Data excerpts
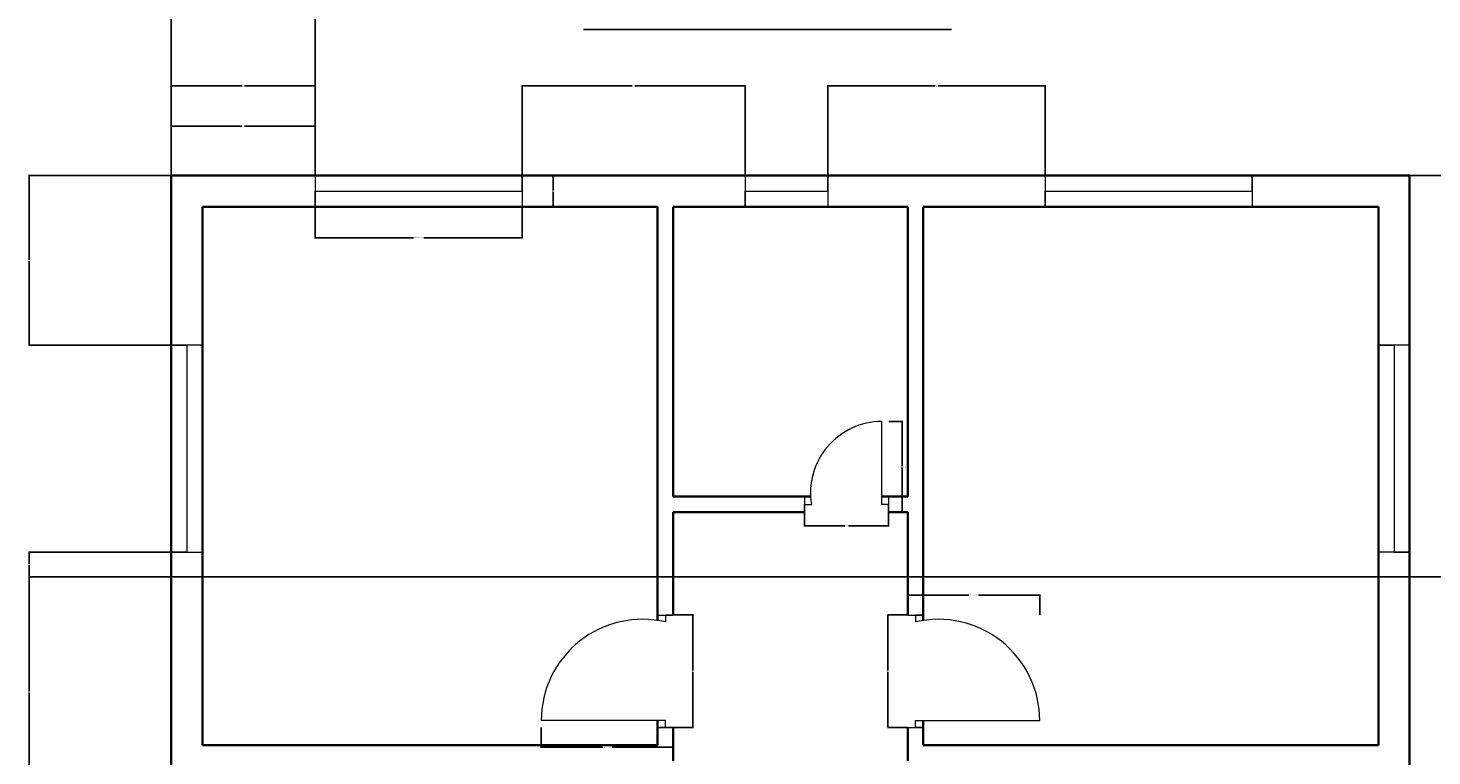
# Model space of a CAD drawing. Units: inches. Extents: x 1832 to 2989, y 1644 to 2902.
# Tile 5 of 8: x 2354 to 2760, y 2061 to 2272. Entities that reach past the tile are written whole.
import ezdxf

# ---------------------------------------------------------------- set-up
doc = ezdxf.new("R2010")
doc.units = ezdxf.units.IN
for name, color, linetype, lineweight in [('A-ANNO-DIMS', 2, 'Continuous', 18), ('A-ANNO-SYMB', 3, 'Continuous', 25), ('A-ANNO-TEXT', 7, 'Continuous', 25), ('A-DOOR', 3, 'Continuous', 18), ('A-GLAZ', 4, 'Continuous', 18), ('A-WALL', 7, 'Continuous', 35)]:
    doc.layers.add(name, color=color, linetype=linetype, lineweight=lineweight)
doc.styles.get("Standard").update_dxf_attribs({"font": 'arial.ttf'})
doc.dimstyles.get("Standard").update_dxf_attribs({"dimtxt": 0.18, "dimasz": 0.18, "dimexe": 0.18, "dimexo": 0.0625, "dimgap": 0.09, "dimtad": 0, "dimtih": 1, "dimtoh": 1, "dimdec": 4, "dimzin": 0, "dimdsep": 46, "dimtxsty": 'Standard', "dimcen": 0.09, "dimadec": 0, "dimazin": 0, "dimtfac": 1, "dimtdec": 4, "dimtofl": 0, "dimtmove": 0, "dimatfit": 3, "dimfxl": 1, "dimtolj": 1, "dimtzin": 0, "dimarcsym": 0})

# ---------------------------------------------------------------- blocks, each defined once
blk = doc.blocks.new('WIN-PLAN-60IN')
for p, q in [((0, 9), (0, 0)), ((60, 4.5), (60, 9)), ((60, 9), (60, 0)), ((0, 0), (0, 4.5)), ((0, 4.5), (60, 4.5))]:
    blk.add_line(p, q)
blk = doc.blocks.new('WIN-PLAN-60IN-2')
for p, q in [((9, 60), (0, 60)), ((0, 60), (4.5, 60)), ((4.5, 60), (4.5, 0)), ((4.5, 0), (0, 0)), ((0, 0), (9, 0))]:
    blk.add_line(p, q)
blk = doc.blocks.new('WIN-PLAN-24IN')
for p, q in [((0, 9), (0, 0)), ((24, 4.5), (24, 9)), ((24, 9), (24, 0)), ((0, 0), (0, 4.5)), ((0, 4.5), (24, 4.5))]:
    blk.add_line(p, q)
blk = doc.blocks.new('DOOR-PLAN-BEDROOM-L')
for p, q in [((33.75, 32.55), (38.25, 32.55)), ((38.25, 32.55), (36, 32.55)), ((36, 32.55), (36, 30.55)), ((36, 2), (0, 2)), ((33.75, 0), (38.25, 0)), ((38.25, 0), (33.75, 0)), ((33.75, 0), (36, 0)), ((36, 0), (36, 2))]:
    blk.add_line(p, q)
blk.add_arc((29.32, 2), 29.32, 76.8389, 180)
blk = doc.blocks.new('DOOR-PLAN-BATH')
for p, q in [((22.39, 2.25), (22.39, 26.25)), ((0, 4.5), (0, 0)), ((24.39, 4.5), (24.39, 0)), ((0, 0), (0, 2.25)), ((0, 2.25), (2, 2.25)), ((24.39, 2.25), (22.39, 2.25)), ((24.39, 0), (24.39, 2.25))]:
    blk.add_line(p, q)
blk.add_arc((22.39, 5.59), 20.66, 90, 189.2955)
blk = doc.blocks.new('DOOR-PLAN-BEDROOM-R')
for p, q in [((0, 32.55), (4.5, 32.55)), ((4.5, 32.55), (2.25, 32.55)), ((2.25, 32.55), (2.25, 30.55)), ((0, 0), (4.5, 0)), ((2.25, 0), (2.25, 2)), ((2.25, 2), (38.25, 2)), ((4.5, 0), (2.25, 0))]:
    blk.add_line(p, q)
blk.add_arc((8.93, 2), 29.32, 0, 103.1611)
blk = doc.blocks.new('*D37')
at = {"layer": 'A-ANNO-DIMS', "color": 0, "lineweight": -2, "transparency": 16777216}
for p, q in [((2502.29, 2069.25), (2502.29, 2063.39)), ((2540.54, 2069.25), (2540.54, 2063.39)), ((2502.47, 2063.57), (2520.01, 2063.57)), ((2540.36, 2063.57), (2522.81, 2063.57))]:
    blk.add_line(p, q, dxfattribs=at)
at = {"layer": 'A-ANNO-DIMS', "color": 0, "transparency": 16777216}
for points in [[(2502.47, 2063.6), (2502.47, 2063.54), (2502.29, 2063.57)], [(2540.36, 2063.6), (2540.36, 2063.54), (2540.54, 2063.57)]]:
    blk.add_solid(points, dxfattribs=at)
at = {"layer": 'Defpoints', "color": 0, "transparency": 16777216}
for p in [(2502.29, 2069.31), (2540.54, 2069.31), (2540.54, 2063.57)]:
    blk.add_point(p, dxfattribs=at)
at = {"layer": 'A-ANNO-DIMS', "color": 0, "transparency": 16777216, "insert": (2521.41, 2063.57), "char_height": 0.18, "attachment_point": 5}
blk.add_mtext('\\A1;BEDROOM LH 38 TYP.', dxfattribs=at)
blk = doc.blocks.new('*D38')
at = {"layer": 'A-ANNO-DIMS', "color": 0, "lineweight": -2, "transparency": 16777216}
for p, q in [((2540.6, 2101.9), (2546.45, 2101.9)), ((2546.27, 2101.72), (2546.27, 2085.79)), ((2546.27, 2069.49), (2546.27, 2085.43)), ((2540.6, 2069.31), (2546.45, 2069.31))]:
    blk.add_line(p, q, dxfattribs=at)
at = {"layer": 'A-ANNO-DIMS', "color": 0, "transparency": 16777216}
for points in [[(2546.24, 2101.72), (2546.3, 2101.72), (2546.27, 2101.9)], [(2546.24, 2069.49), (2546.3, 2069.49), (2546.27, 2069.31)]]:
    blk.add_solid(points, dxfattribs=at)
at = {"layer": 'Defpoints', "color": 0, "transparency": 16777216}
for p in [(2540.54, 2101.9), (2546.27, 2101.9), (2540.54, 2069.31)]:
    blk.add_point(p, dxfattribs=at)
at = {"layer": 'A-ANNO-DIMS', "color": 0, "transparency": 16777216, "insert": (2546.27, 2085.61), "char_height": 0.18, "attachment_point": 5}
blk.add_mtext('\\A1;33 TYP.', dxfattribs=at)
blk = doc.blocks.new('*D39')
at = {"layer": 'A-ANNO-DIMS', "color": 0, "lineweight": -2, "transparency": 16777216}
for p, q in [((2608.54, 2101.97), (2608.54, 2107.82)), ((2608.72, 2107.64), (2626.24, 2107.64)), ((2646.61, 2107.64), (2629.09, 2107.64)), ((2646.79, 2101.97), (2646.79, 2107.82))]:
    blk.add_line(p, q, dxfattribs=at)
at = {"layer": 'A-ANNO-DIMS', "color": 0, "transparency": 16777216}
for points in [[(2608.72, 2107.67), (2608.72, 2107.61), (2608.54, 2107.64)], [(2646.61, 2107.67), (2646.61, 2107.61), (2646.79, 2107.64)]]:
    blk.add_solid(points, dxfattribs=at)
at = {"layer": 'Defpoints', "color": 0, "transparency": 16777216}
for p in [(2646.79, 2107.64), (2608.54, 2101.9), (2646.79, 2101.9)]:
    blk.add_point(p, dxfattribs=at)
at = {"layer": 'A-ANNO-DIMS', "color": 0, "transparency": 16777216, "insert": (2627.66, 2107.64), "char_height": 0.18, "attachment_point": 5}
blk.add_mtext('\\A1;BEDROOM RH 38 TYP.', dxfattribs=at)
blk = doc.blocks.new('*D40')
at = {"layer": 'A-ANNO-DIMS', "color": 0, "lineweight": -2, "transparency": 16777216}
for p, q in [((2608.47, 2101.9), (2602.62, 2101.9)), ((2602.8, 2101.72), (2602.8, 2085.79)), ((2602.8, 2069.49), (2602.8, 2085.43)), ((2608.47, 2069.31), (2602.62, 2069.31))]:
    blk.add_line(p, q, dxfattribs=at)
at = {"layer": 'A-ANNO-DIMS', "color": 0, "transparency": 16777216}
for points in [[(2602.77, 2101.72), (2602.83, 2101.72), (2602.8, 2101.9)], [(2602.77, 2069.49), (2602.83, 2069.49), (2602.8, 2069.31)]]:
    blk.add_solid(points, dxfattribs=at)
at = {"layer": 'Defpoints', "color": 0, "transparency": 16777216}
for p in [(2602.8, 2101.9), (2608.54, 2101.9), (2608.54, 2069.31)]:
    blk.add_point(p, dxfattribs=at)
at = {"layer": 'A-ANNO-DIMS', "color": 0, "transparency": 16777216, "insert": (2602.8, 2085.61), "char_height": 0.18, "attachment_point": 5}
blk.add_mtext('\\A1;33 TYP.', dxfattribs=at)
blk = doc.blocks.new('*D41')
at = {"layer": 'A-ANNO-DIMS', "color": 0, "lineweight": -2, "transparency": 16777216}
for p, q in [((2603.06, 2157.92), (2607.12, 2157.92)), ((2606.94, 2157.74), (2606.94, 2144.98)), ((2606.94, 2131.85), (2606.94, 2144.61)), ((2603.06, 2131.67), (2607.12, 2131.67))]:
    blk.add_line(p, q, dxfattribs=at)
at = {"layer": 'A-ANNO-DIMS', "color": 0, "transparency": 16777216}
for points in [[(2606.91, 2157.74), (2606.97, 2157.74), (2606.94, 2157.92)], [(2606.91, 2131.85), (2606.97, 2131.85), (2606.94, 2131.67)]]:
    blk.add_solid(points, dxfattribs=at)
at = {"layer": 'Defpoints', "color": 0, "transparency": 16777216}
for p in [(2603, 2157.92), (2606.94, 2157.92), (2603, 2131.67)]:
    blk.add_point(p, dxfattribs=at)
at = {"layer": 'A-ANNO-DIMS', "color": 0, "transparency": 16777216, "insert": (2606.94, 2144.8), "char_height": 0.18, "attachment_point": 5}
blk.add_mtext('\\A1;BATH DOOR 26 TYP.', dxfattribs=at)
blk = doc.blocks.new('*D42')
at = {"layer": 'A-ANNO-DIMS', "color": 0, "lineweight": -2, "transparency": 16777216}
for p, q in [((2578.61, 2131.61), (2578.61, 2127.56)), ((2603, 2131.61), (2603, 2127.56)), ((2578.79, 2127.74), (2590.28, 2127.74)), ((2602.82, 2127.74), (2591.33, 2127.74))]:
    blk.add_line(p, q, dxfattribs=at)
at = {"layer": 'A-ANNO-DIMS', "color": 0, "transparency": 16777216}
for points in [[(2578.79, 2127.77), (2578.79, 2127.71), (2578.61, 2127.74)], [(2602.82, 2127.77), (2602.82, 2127.71), (2603, 2127.74)]]:
    blk.add_solid(points, dxfattribs=at)
at = {"layer": 'Defpoints', "color": 0, "transparency": 16777216}
for p in [(2578.61, 2131.67), (2603, 2131.67), (2603, 2127.74)]:
    blk.add_point(p, dxfattribs=at)
at = {"layer": 'A-ANNO-DIMS', "color": 0, "transparency": 16777216, "insert": (2590.81, 2127.74), "char_height": 0.18, "attachment_point": 5}
blk.add_mtext('\\A1;24 TYP.', dxfattribs=at)
blk = doc.blocks.new('*D49')
at = {"layer": 'A-ANNO-DIMS', "color": 0, "lineweight": -2, "transparency": 16777216}
for p, q in [((2436.72, 2220.11), (2436.72, 2210.99)), ((2496.72, 2220.11), (2496.72, 2210.99)), ((2436.9, 2211.17), (2465.22, 2211.17)), ((2496.54, 2211.17), (2468.21, 2211.17))]:
    blk.add_line(p, q, dxfattribs=at)
at = {"layer": 'A-ANNO-DIMS', "color": 0, "transparency": 16777216}
for points in [[(2436.9, 2211.2), (2436.9, 2211.14), (2436.72, 2211.17)], [(2496.54, 2211.2), (2496.54, 2211.14), (2496.72, 2211.17)]]:
    blk.add_solid(points, dxfattribs=at)
at = {"layer": 'Defpoints', "color": 0, "transparency": 16777216}
for p in [(2436.72, 2220.17), (2496.72, 2220.17), (2496.72, 2211.17)]:
    blk.add_point(p, dxfattribs=at)
at = {"layer": 'A-ANNO-DIMS', "color": 0, "transparency": 16777216, "insert": (2466.72, 2211.17), "char_height": 0.18, "attachment_point": 5}
blk.add_mtext('\\A1;REAR WINDOW 60 TYP.', dxfattribs=at)
blk = doc.blocks.new('*D50')
at = {"layer": 'A-ANNO-DIMS', "color": 0, "lineweight": -2, "transparency": 16777216}
for p, q in [((2496.78, 2229.17), (2505.9, 2229.17)), ((2505.72, 2228.99), (2505.72, 2224.85)), ((2505.72, 2220.35), (2505.72, 2224.49)), ((2496.78, 2220.17), (2505.9, 2220.17))]:
    blk.add_line(p, q, dxfattribs=at)
at = {"layer": 'A-ANNO-DIMS', "color": 0, "transparency": 16777216}
for points in [[(2505.69, 2228.99), (2505.75, 2228.99), (2505.72, 2229.17)], [(2505.69, 2220.35), (2505.75, 2220.35), (2505.72, 2220.17)]]:
    blk.add_solid(points, dxfattribs=at)
at = {"layer": 'Defpoints', "color": 0, "transparency": 16777216}
for p in [(2496.72, 2229.17), (2505.72, 2229.17), (2496.72, 2220.17)]:
    blk.add_point(p, dxfattribs=at)
at = {"layer": 'A-ANNO-DIMS', "color": 0, "transparency": 16777216, "insert": (2505.72, 2224.67), "char_height": 0.18, "attachment_point": 5}
blk.add_mtext('\\A1;9 TYP.', dxfattribs=at)
blk = doc.blocks.new('*D82')
at = {"layer": 'A-ANNO-DIMS', "color": 0, "lineweight": -2, "transparency": 16777216}
for p, q in [((2754.1, 2229.17), (2811, 2229.17)), ((2810.82, 2228.99), (2810.82, 1975.53)), ((2810.82, 1721.7), (2810.82, 1975.17)), ((2745.1, 1721.52), (2811, 1721.52))]:
    blk.add_line(p, q, dxfattribs=at)
at = {"layer": 'A-ANNO-DIMS', "color": 0, "transparency": 16777216}
for points in [[(2810.79, 2228.99), (2810.85, 2228.99), (2810.82, 2229.17)], [(2810.79, 1721.7), (2810.85, 1721.7), (2810.82, 1721.52)]]:
    blk.add_solid(points, dxfattribs=at)
at = {"layer": 'Defpoints', "color": 0, "transparency": 16777216}
for p in [(2754.04, 2229.17), (2810.82, 2229.17), (2745.04, 1721.52)]:
    blk.add_point(p, dxfattribs=at)
at = {"layer": 'A-ANNO-DIMS', "color": 0, "transparency": 16777216, "insert": (2810.82, 1975.35), "char_height": 0.18, "attachment_point": 5}
blk.add_mtext('\\A1;507.6', dxfattribs=at)
blk = doc.blocks.new('*D85')
at = {"layer": 'A-ANNO-DIMS', "color": 0, "lineweight": -2, "transparency": 16777216}
for p, q in [((2379.76, 2112.91), (2353.64, 2112.91)), ((2353.82, 2112.73), (2353.82, 2079.83)), ((2353.82, 2046.57), (2353.82, 2079.47)), ((2394.97, 2046.39), (2353.64, 2046.39))]:
    blk.add_line(p, q, dxfattribs=at)
at = {"layer": 'A-ANNO-DIMS', "color": 0, "transparency": 16777216}
for points in [[(2353.79, 2112.73), (2353.85, 2112.73), (2353.82, 2112.91)], [(2353.79, 2046.57), (2353.85, 2046.57), (2353.82, 2046.39)]]:
    blk.add_solid(points, dxfattribs=at)
at = {"layer": 'Defpoints', "color": 0, "transparency": 16777216}
for p in [(2353.82, 2112.91), (2379.82, 2112.91), (2395.04, 2046.39)]:
    blk.add_point(p, dxfattribs=at)
at = {"layer": 'A-ANNO-DIMS', "color": 0, "transparency": 16777216, "insert": (2353.82, 2079.65), "char_height": 0.18, "attachment_point": 5}
blk.add_mtext('\\A1;66.53', dxfattribs=at)
blk = doc.blocks.new('*D86')
at = {"layer": 'A-ANNO-DIMS', "color": 0, "lineweight": -2, "transparency": 16777216}
for p, q in [((2394.97, 2120.08), (2353.64, 2120.08)), ((2353.82, 2119.9), (2353.82, 2116.68)), ((2379.76, 2112.91), (2353.64, 2112.91)), ((2353.82, 2113.09), (2353.82, 2116.32))]:
    blk.add_line(p, q, dxfattribs=at)
at = {"layer": 'A-ANNO-DIMS', "color": 0, "transparency": 16777216}
for points in [[(2353.79, 2119.9), (2353.85, 2119.9), (2353.82, 2120.08)], [(2353.79, 2113.09), (2353.85, 2113.09), (2353.82, 2112.91)]]:
    blk.add_solid(points, dxfattribs=at)
at = {"layer": 'Defpoints', "color": 0, "transparency": 16777216}
for p in [(2353.82, 2120.08), (2395.04, 2120.08), (2379.82, 2112.91)]:
    blk.add_point(p, dxfattribs=at)
at = {"layer": 'A-ANNO-DIMS', "color": 0, "transparency": 16777216, "insert": (2353.82, 2116.5), "char_height": 0.18, "attachment_point": 5}
blk.add_mtext('\\A1;7.174', dxfattribs=at)
blk = doc.blocks.new('*D87')
at = {"layer": 'A-ANNO-DIMS', "color": 0, "lineweight": -2, "transparency": 16777216}
for p, q in [((2394.97, 2229.17), (2353.64, 2229.17)), ((2353.82, 2228.99), (2353.82, 2204.81)), ((2353.82, 2180.26), (2353.82, 2204.45)), ((2394.97, 2180.08), (2353.64, 2180.08))]:
    blk.add_line(p, q, dxfattribs=at)
at = {"layer": 'A-ANNO-DIMS', "color": 0, "transparency": 16777216}
for points in [[(2353.79, 2228.99), (2353.85, 2228.99), (2353.82, 2229.17)], [(2353.79, 2180.26), (2353.85, 2180.26), (2353.82, 2180.08)]]:
    blk.add_solid(points, dxfattribs=at)
at = {"layer": 'Defpoints', "color": 0, "transparency": 16777216}
for p in [(2353.82, 2229.17), (2395.04, 2229.17), (2395.04, 2180.08)]:
    blk.add_point(p, dxfattribs=at)
at = {"layer": 'A-ANNO-DIMS', "color": 0, "transparency": 16777216, "insert": (2353.82, 2204.63), "char_height": 0.18, "attachment_point": 5}
blk.add_mtext('\\A1;49.09', dxfattribs=at)
blk = doc.blocks.new('*D88')
at = {"layer": 'A-ANNO-DIMS', "color": 0, "lineweight": -2, "transparency": 16777216}
for p, q in [((2395.04, 2229.24), (2395.04, 2255.35)), ((2395.22, 2255.17), (2415.48, 2255.17)), ((2436.54, 2255.17), (2416.27, 2255.17)), ((2436.72, 2229.24), (2436.72, 2255.35))]:
    blk.add_line(p, q, dxfattribs=at)
at = {"layer": 'A-ANNO-DIMS', "color": 0, "transparency": 16777216}
for points in [[(2395.22, 2255.2), (2395.22, 2255.14), (2395.04, 2255.17)], [(2436.54, 2255.2), (2436.54, 2255.14), (2436.72, 2255.17)]]:
    blk.add_solid(points, dxfattribs=at)
at = {"layer": 'Defpoints', "color": 0, "transparency": 16777216}
for p in [(2436.72, 2255.17), (2395.04, 2229.17), (2436.72, 2229.17)]:
    blk.add_point(p, dxfattribs=at)
at = {"layer": 'A-ANNO-DIMS', "color": 0, "transparency": 16777216, "insert": (2415.88, 2255.17), "char_height": 0.18, "attachment_point": 5}
blk.add_mtext('\\A1;41.68', dxfattribs=at)
blk = doc.blocks.new('*D89')
at = {"layer": 'A-ANNO-DIMS', "color": 0, "lineweight": -2, "transparency": 16777216}
for p, q in [((2496.72, 2229.24), (2496.72, 2255.35)), ((2496.9, 2255.17), (2528.64, 2255.17)), ((2561.18, 2255.17), (2529.43, 2255.17)), ((2561.36, 2229.24), (2561.36, 2255.35))]:
    blk.add_line(p, q, dxfattribs=at)
at = {"layer": 'A-ANNO-DIMS', "color": 0, "transparency": 16777216}
for points in [[(2496.9, 2255.2), (2496.9, 2255.14), (2496.72, 2255.17)], [(2561.18, 2255.2), (2561.18, 2255.14), (2561.36, 2255.17)]]:
    blk.add_solid(points, dxfattribs=at)
at = {"layer": 'Defpoints', "color": 0, "transparency": 16777216}
for p in [(2561.36, 2255.17), (2496.72, 2229.17), (2561.36, 2229.17)]:
    blk.add_point(p, dxfattribs=at)
at = {"layer": 'A-ANNO-DIMS', "color": 0, "transparency": 16777216, "insert": (2529.04, 2255.17), "char_height": 0.18, "attachment_point": 5}
blk.add_mtext('\\A1;64.64', dxfattribs=at)
blk = doc.blocks.new('*D90')
at = {"layer": 'A-ANNO-DIMS', "color": 0, "lineweight": -2, "transparency": 16777216}
for p, q in [((2585.36, 2229.24), (2585.36, 2255.35)), ((2585.54, 2255.17), (2616.48, 2255.17)), ((2648.21, 2255.17), (2617.27, 2255.17)), ((2648.39, 2229.24), (2648.39, 2255.35))]:
    blk.add_line(p, q, dxfattribs=at)
at = {"layer": 'A-ANNO-DIMS', "color": 0, "transparency": 16777216}
for points in [[(2585.54, 2255.2), (2585.54, 2255.14), (2585.36, 2255.17)], [(2648.21, 2255.2), (2648.21, 2255.14), (2648.39, 2255.17)]]:
    blk.add_solid(points, dxfattribs=at)
at = {"layer": 'Defpoints', "color": 0, "transparency": 16777216}
for p in [(2648.39, 2255.17), (2585.36, 2229.17), (2648.39, 2229.17)]:
    blk.add_point(p, dxfattribs=at)
at = {"layer": 'A-ANNO-DIMS', "color": 0, "transparency": 16777216, "insert": (2616.87, 2255.17), "char_height": 0.18, "attachment_point": 5}
blk.add_mtext('\\A1;63.03', dxfattribs=at)
blk = doc.blocks.new('*D115')
at = {"layer": 'A-ANNO-DIMS', "color": 0, "lineweight": -2, "transparency": 16777216}
for p, q in [((2436.72, 2360.25), (2436.72, 2243.31)), ((2395.04, 2306.25), (2395.04, 2243.31)), ((2395.22, 2243.49), (2415.48, 2243.49)), ((2436.54, 2243.49), (2416.27, 2243.49))]:
    blk.add_line(p, q, dxfattribs=at)
at = {"layer": 'A-ANNO-DIMS', "color": 0, "transparency": 16777216}
for points in [[(2395.22, 2243.52), (2395.22, 2243.46), (2395.04, 2243.49)], [(2436.54, 2243.52), (2436.54, 2243.46), (2436.72, 2243.49)]]:
    blk.add_solid(points, dxfattribs=at)
at = {"layer": 'Defpoints', "color": 0, "transparency": 16777216}
for p in [(2436.72, 2360.31), (2395.04, 2306.31), (2436.72, 2243.49)]:
    blk.add_point(p, dxfattribs=at)
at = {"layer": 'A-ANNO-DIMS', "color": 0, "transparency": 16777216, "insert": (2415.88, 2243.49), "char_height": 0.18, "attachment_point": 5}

[WHAT IS REQUIRED]
Pull every line containing "BEDROOM" from the data.

[RESULT OF THIS EXERCISE]
blk = doc.blocks.new('DOOR-PLAN-BEDROOM-L')
blk = doc.blocks.new('DOOR-PLAN-BEDROOM-R')
blk.add_mtext('\\A1;BEDROOM LH 38 TYP.', dxfattribs=at)
blk.add_mtext('\\A1;BEDROOM RH 38 TYP.', dxfattribs=at)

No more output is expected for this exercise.